Please keep the pictures out and write out exactly the lines from the first in the data below through the one containing "color=color, linetype=linetype, lineweight=lineweight)", both included.

***** The data *****

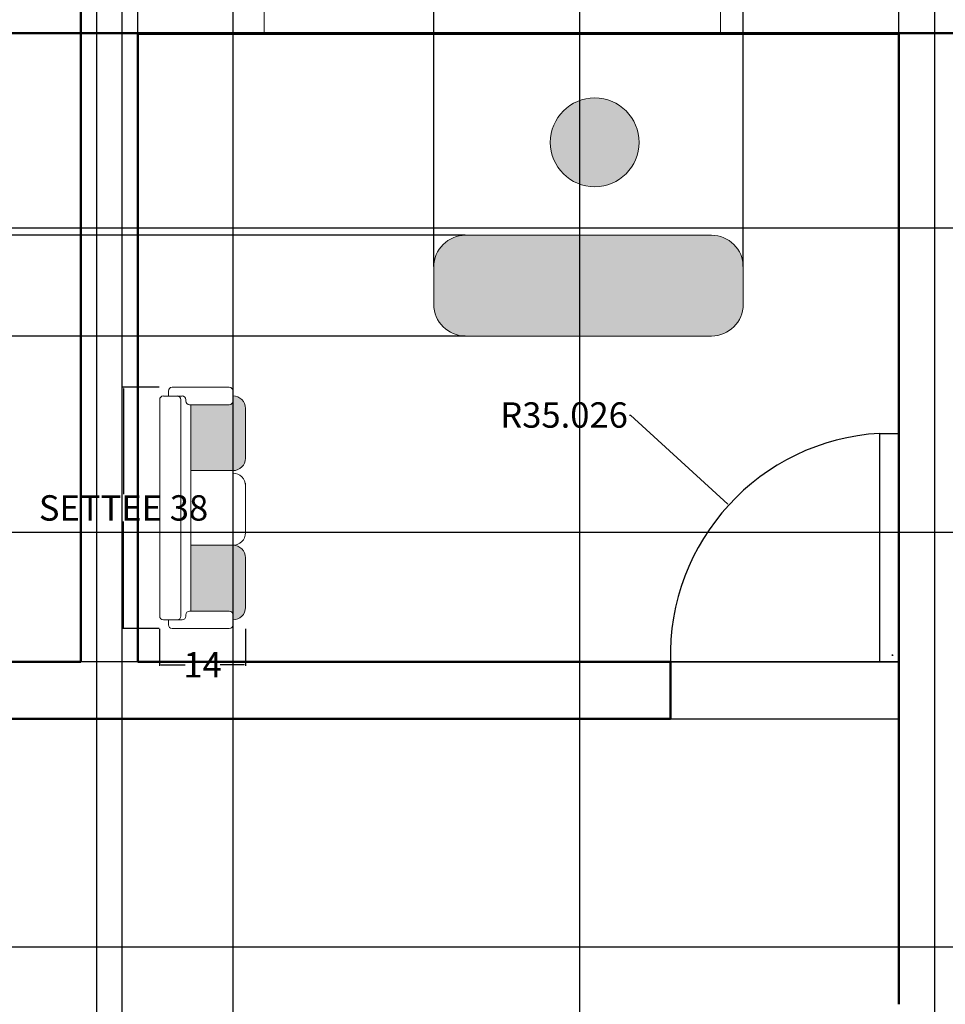
# Model space of a CAD drawing. Units: inches. Extents: x 1454 to 2136, y 626 to 1213.
# Tile 19 of 23: x 1741 to 1887, y 973 to 1128. Entities that reach past the tile are written whole.
import ezdxf

# ---------------------------------------------------------------- set-up
doc = ezdxf.new("R2010")
doc.units = ezdxf.units.IN
doc.header["$MEASUREMENT"] = 0
for name, color, linetype, lineweight in [('A-ANNO-DIMS', 2, 'Continuous', 18), ('A-DOOR', 3, 'Continuous', 25), ('A-FURN', 9, 'Continuous', 18), ('A-FURN-PATT', 252, 'Continuous', 13), ('A-GLAZ', 4, 'Continuous', 18), ('A-PLNT-PATT', 116, 'Continuous', 13), ('A-WALL', 7, 'Continuous', 50), ('sofa', 4, 'Continuous', 18)]:
    doc.layers.add(name, color=color, linetype=linetype, lineweight=lineweight)
doc.styles.get("Standard").update_dxf_attribs({"font": 'arial.ttf'})
doc.dimstyles.get("Standard").update_dxf_attribs({"dimtxt": 4, "dimasz": 0.18, "dimexe": 0.18, "dimexo": 0.0625, "dimgap": 0.09, "dimtad": 0, "dimtih": 1, "dimtoh": 1, "dimdec": 0, "dimrnd": 6, "dimzin": 0, "dimdsep": 46, "dimlunit": 3, "dimtxsty": 'Standard', "dimcen": 0.09, "dimadec": 0, "dimazin": 0, "dimtfac": 1, "dimtdec": 0, "dimtofl": 0, "dimtmove": 0, "dimatfit": 3, "dimfxl": 1, "dimtolj": 1, "dimtzin": 0, "dimarcsym": 0})

# ---------------------------------------------------------------- blocks, each defined once
blk = doc.blocks.new('A$C115861F8')
for p, q in [((0.0679, 0.6401), (0.0679, 0.6013)), ((1.7846, 0.6692), (0.097, 0.6692)), ((1.8136, 0.6401), (1.8136, 0.6013)), ((0, 0.5722), (0, 0.1261)), ((0.0679, 0.6013), (0.0291, 0.6013)), ((0.0679, 0.5334), (0.0679, 0.6013)), ((0.0679, 0.4946), (0.0679, 0.5431)), ((1.8136, 0.6013), (1.8524, 0.6013)), ((1.8136, 0.5334), (1.8136, 0.6013)), ((1.8136, 0.4946), (1.8136, 0.5431)), ((1.8815, 0.5722), (1.8815, 0.1261)), ((1.7846, 0.5043), (0.097, 0.5043)), ((0.1067, 0.4655), (0.097, 0.4655)), ((1.7749, 0.4655), (1.7846, 0.4655)), ((0.1358, 0.1261), (0.1358, 0.4364)), ((1.7458, 0.4267), (0.1358, 0.4267)), ((0.6498, 0.097), (0.6498, 0.4267)), ((1.2317, 0.097), (1.2317, 0.4267)), ((1.7458, 0.1261), (1.7458, 0.4364)), ((0.0291, 0.097), (0.1067, 0.097)), ((1.8524, 0.097), (1.7749, 0.097)), ((0.1649, 0), (0.5528, 0)), ((1.1347, 0), (0.7468, 0)), ((1.3287, 0), (1.7167, 0))]:
    blk.add_line(p, q)
for centre, radius, start, end in [((0.097, 0.6401), 0.0291, 90, 180), ((1.7846, 0.6401), 0.0291, 0, 90), ((0.0291, 0.5722), 0.0291, 90, 180), ((1.8524, 0.5722), 0.0291, 0, 90), ((0.097, 0.5334), 0.0291, 180, 270), ((0.097, 0.4946), 0.0291, 180, 270), ((0.1067, 0.4364), 0.0291, 0, 90), ((1.7749, 0.4364), 0.0291, 90, 180), ((1.7846, 0.5334), 0.0291, 270, 0), ((1.7846, 0.4946), 0.0291, 270, 0), ((0.0291, 0.1261), 0.0291, 180, 270), ((0.1649, 0.097), 0.097, 180, 270), ((0.1067, 0.1261), 0.0291, 270, 0), ((0.5528, 0.097), 0.097, 270, 0), ((0.7468, 0.097), 0.097, 180, 270), ((1.1147, 0.097), 0.097, 270, 0), ((1.3287, 0.097), 0.097, 180, 270), ((1.7167, 0.097), 0.097, 270, 0), ((1.7749, 0.1261), 0.0291, 180, 270), ((1.8524, 0.1261), 0.0291, 270, 0)]:
    blk.add_arc(centre, radius, start, end)
blk = doc.blocks.new('DOOR-LEAF-36')
blk.add_lwpolyline([(-36, 3), (0, 3), (0, 0), (-36, 0)], close=True)
blk = doc.blocks.new('*D19')
at = {"layer": 'A-ANNO-DIMS', "color": 0, "lineweight": -2, "transparency": 16777216}
for p, q in [((1762.93, 1070.55), (1757.11, 1070.55)), ((1757.29, 1070.37), (1757.29, 1053.69)), ((1757.29, 1032.69), (1757.29, 1049.37)), ((1762.93, 1032.51), (1757.11, 1032.51))]:
    blk.add_line(p, q, dxfattribs=at)
at = {"layer": 'A-ANNO-DIMS', "color": 0, "transparency": 16777216}
for points in [[(1757.26, 1070.37), (1757.32, 1070.37), (1757.29, 1070.55)], [(1757.26, 1032.69), (1757.32, 1032.69), (1757.29, 1032.51)]]:
    blk.add_solid(points, dxfattribs=at)
at = {"layer": 'Defpoints', "color": 0, "transparency": 16777216}
for p in [(1757.29, 1070.55), (1762.99, 1070.55), (1762.99, 1032.51)]:
    blk.add_point(p, dxfattribs=at)
at = {"layer": 'A-ANNO-DIMS', "color": 0, "transparency": 16777216, "insert": (1757.29, 1051.53), "char_height": 4, "attachment_point": 5}
blk.add_mtext('\\A1;SETTEE 38', dxfattribs=at)
blk = doc.blocks.new('*D20')
at = {"layer": 'A-ANNO-DIMS', "color": 0, "lineweight": -2, "transparency": 16777216}
for p, q in [((1762.99, 1032.45), (1762.99, 1026.62)), ((1776.52, 1032.45), (1776.52, 1026.62)), ((1763.17, 1026.8), (1767, 1026.8)), ((1776.34, 1026.8), (1772.52, 1026.8))]:
    blk.add_line(p, q, dxfattribs=at)
at = {"layer": 'A-ANNO-DIMS', "color": 0, "transparency": 16777216}
for points in [[(1763.17, 1026.83), (1763.17, 1026.77), (1762.99, 1026.8)], [(1776.34, 1026.83), (1776.34, 1026.77), (1776.52, 1026.8)]]:
    blk.add_solid(points, dxfattribs=at)
at = {"layer": 'Defpoints', "color": 0, "transparency": 16777216}
for p in [(1762.99, 1032.51), (1776.52, 1032.51), (1762.99, 1026.8)]:
    blk.add_point(p, dxfattribs=at)
at = {"layer": 'A-ANNO-DIMS', "color": 0, "transparency": 16777216, "insert": (1769.76, 1026.8), "char_height": 4, "attachment_point": 5}
blk.add_mtext('\\A1;14', dxfattribs=at)
blk = doc.blocks.new('*D31')
at = {"layer": 'A-ANNO-DIMS', "color": 0, "lineweight": -2, "transparency": 16777216}
for p, q in [((1759.56, 1126.34), (1759.56, 1210.46)), ((1759.74, 1210.28), (1815.24, 1210.28)), ((1879.38, 1210.28), (1823.87, 1210.28)), ((1879.56, 1126.34), (1879.56, 1210.46))]:
    blk.add_line(p, q, dxfattribs=at)
at = {"layer": 'A-ANNO-DIMS', "color": 0, "transparency": 16777216}
for points in [[(1759.74, 1210.31), (1759.74, 1210.25), (1759.56, 1210.28)], [(1879.38, 1210.31), (1879.38, 1210.25), (1879.56, 1210.28)]]:
    blk.add_solid(points, dxfattribs=at)
at = {"layer": 'Defpoints', "color": 0, "transparency": 16777216}
for p in [(1879.56, 1210.28), (1759.56, 1126.28), (1879.56, 1126.28)]:
    blk.add_point(p, dxfattribs=at)
at = {"layer": 'A-ANNO-DIMS', "color": 0, "transparency": 16777216, "insert": (1819.56, 1210.28), "char_height": 4, "attachment_point": 5}
blk.add_mtext('\\A1;120', dxfattribs=at)
blk = doc.blocks.new('*D33')
at = {"layer": 'A-ANNO-DIMS', "color": 0, "lineweight": -2, "transparency": 16777216}
for p, q in [((2032.49, 1126.28), (1462.37, 1126.28)), ((1462.55, 1126.1), (1462.55, 1056.38)), ((1462.55, 982.46), (1462.55, 1052.18)), ((2032.49, 982.28), (1462.37, 982.28))]:
    blk.add_line(p, q, dxfattribs=at)
at = {"layer": 'A-ANNO-DIMS', "color": 0, "transparency": 16777216}
for points in [[(1462.52, 1126.1), (1462.58, 1126.1), (1462.55, 1126.28)], [(1462.52, 982.46), (1462.58, 982.46), (1462.55, 982.28)]]:
    blk.add_solid(points, dxfattribs=at)
at = {"layer": 'Defpoints', "color": 0, "transparency": 16777216}
for p in [(1462.55, 1126.28), (2032.56, 1126.28), (2032.56, 982.28)]:
    blk.add_point(p, dxfattribs=at)
at = {"layer": 'A-ANNO-DIMS', "color": 0, "transparency": 16777216, "insert": (1462.55, 1054.28), "char_height": 4, "attachment_point": 5}
blk.add_mtext('\\A1;144', dxfattribs=at)
blk = doc.blocks.new('*D37')
at = {"layer": 'A-ANNO-DIMS', "color": 0, "lineweight": -2, "transparency": 16777216}
for p, q in [((1774.56, 712.34), (1774.56, 1210.46)), ((1774.74, 1210.28), (1846.74, 1210.28)), ((1927.38, 1210.28), (1855.38, 1210.28)), ((1927.56, 712.34), (1927.56, 1210.46))]:
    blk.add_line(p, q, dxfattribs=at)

*****

Solution to this problem:
# Model space of a CAD drawing. Units: inches. Extents: x 1454 to 2136, y 626 to 1213.
# Tile 19 of 23: x 1741 to 1887, y 973 to 1128. Entities that reach past the tile are written whole.
import ezdxf

# ---------------------------------------------------------------- set-up
doc = ezdxf.new("R2010")
doc.units = ezdxf.units.IN
doc.header["$MEASUREMENT"] = 0
for name, color, linetype, lineweight in [('A-ANNO-DIMS', 2, 'Continuous', 18), ('A-DOOR', 3, 'Continuous', 25), ('A-FURN', 9, 'Continuous', 18), ('A-FURN-PATT', 252, 'Continuous', 13), ('A-GLAZ', 4, 'Continuous', 18), ('A-PLNT-PATT', 116, 'Continuous', 13), ('A-WALL', 7, 'Continuous', 50), ('sofa', 4, 'Continuous', 18)]:
    doc.layers.add(name, color=color, linetype=linetype, lineweight=lineweight)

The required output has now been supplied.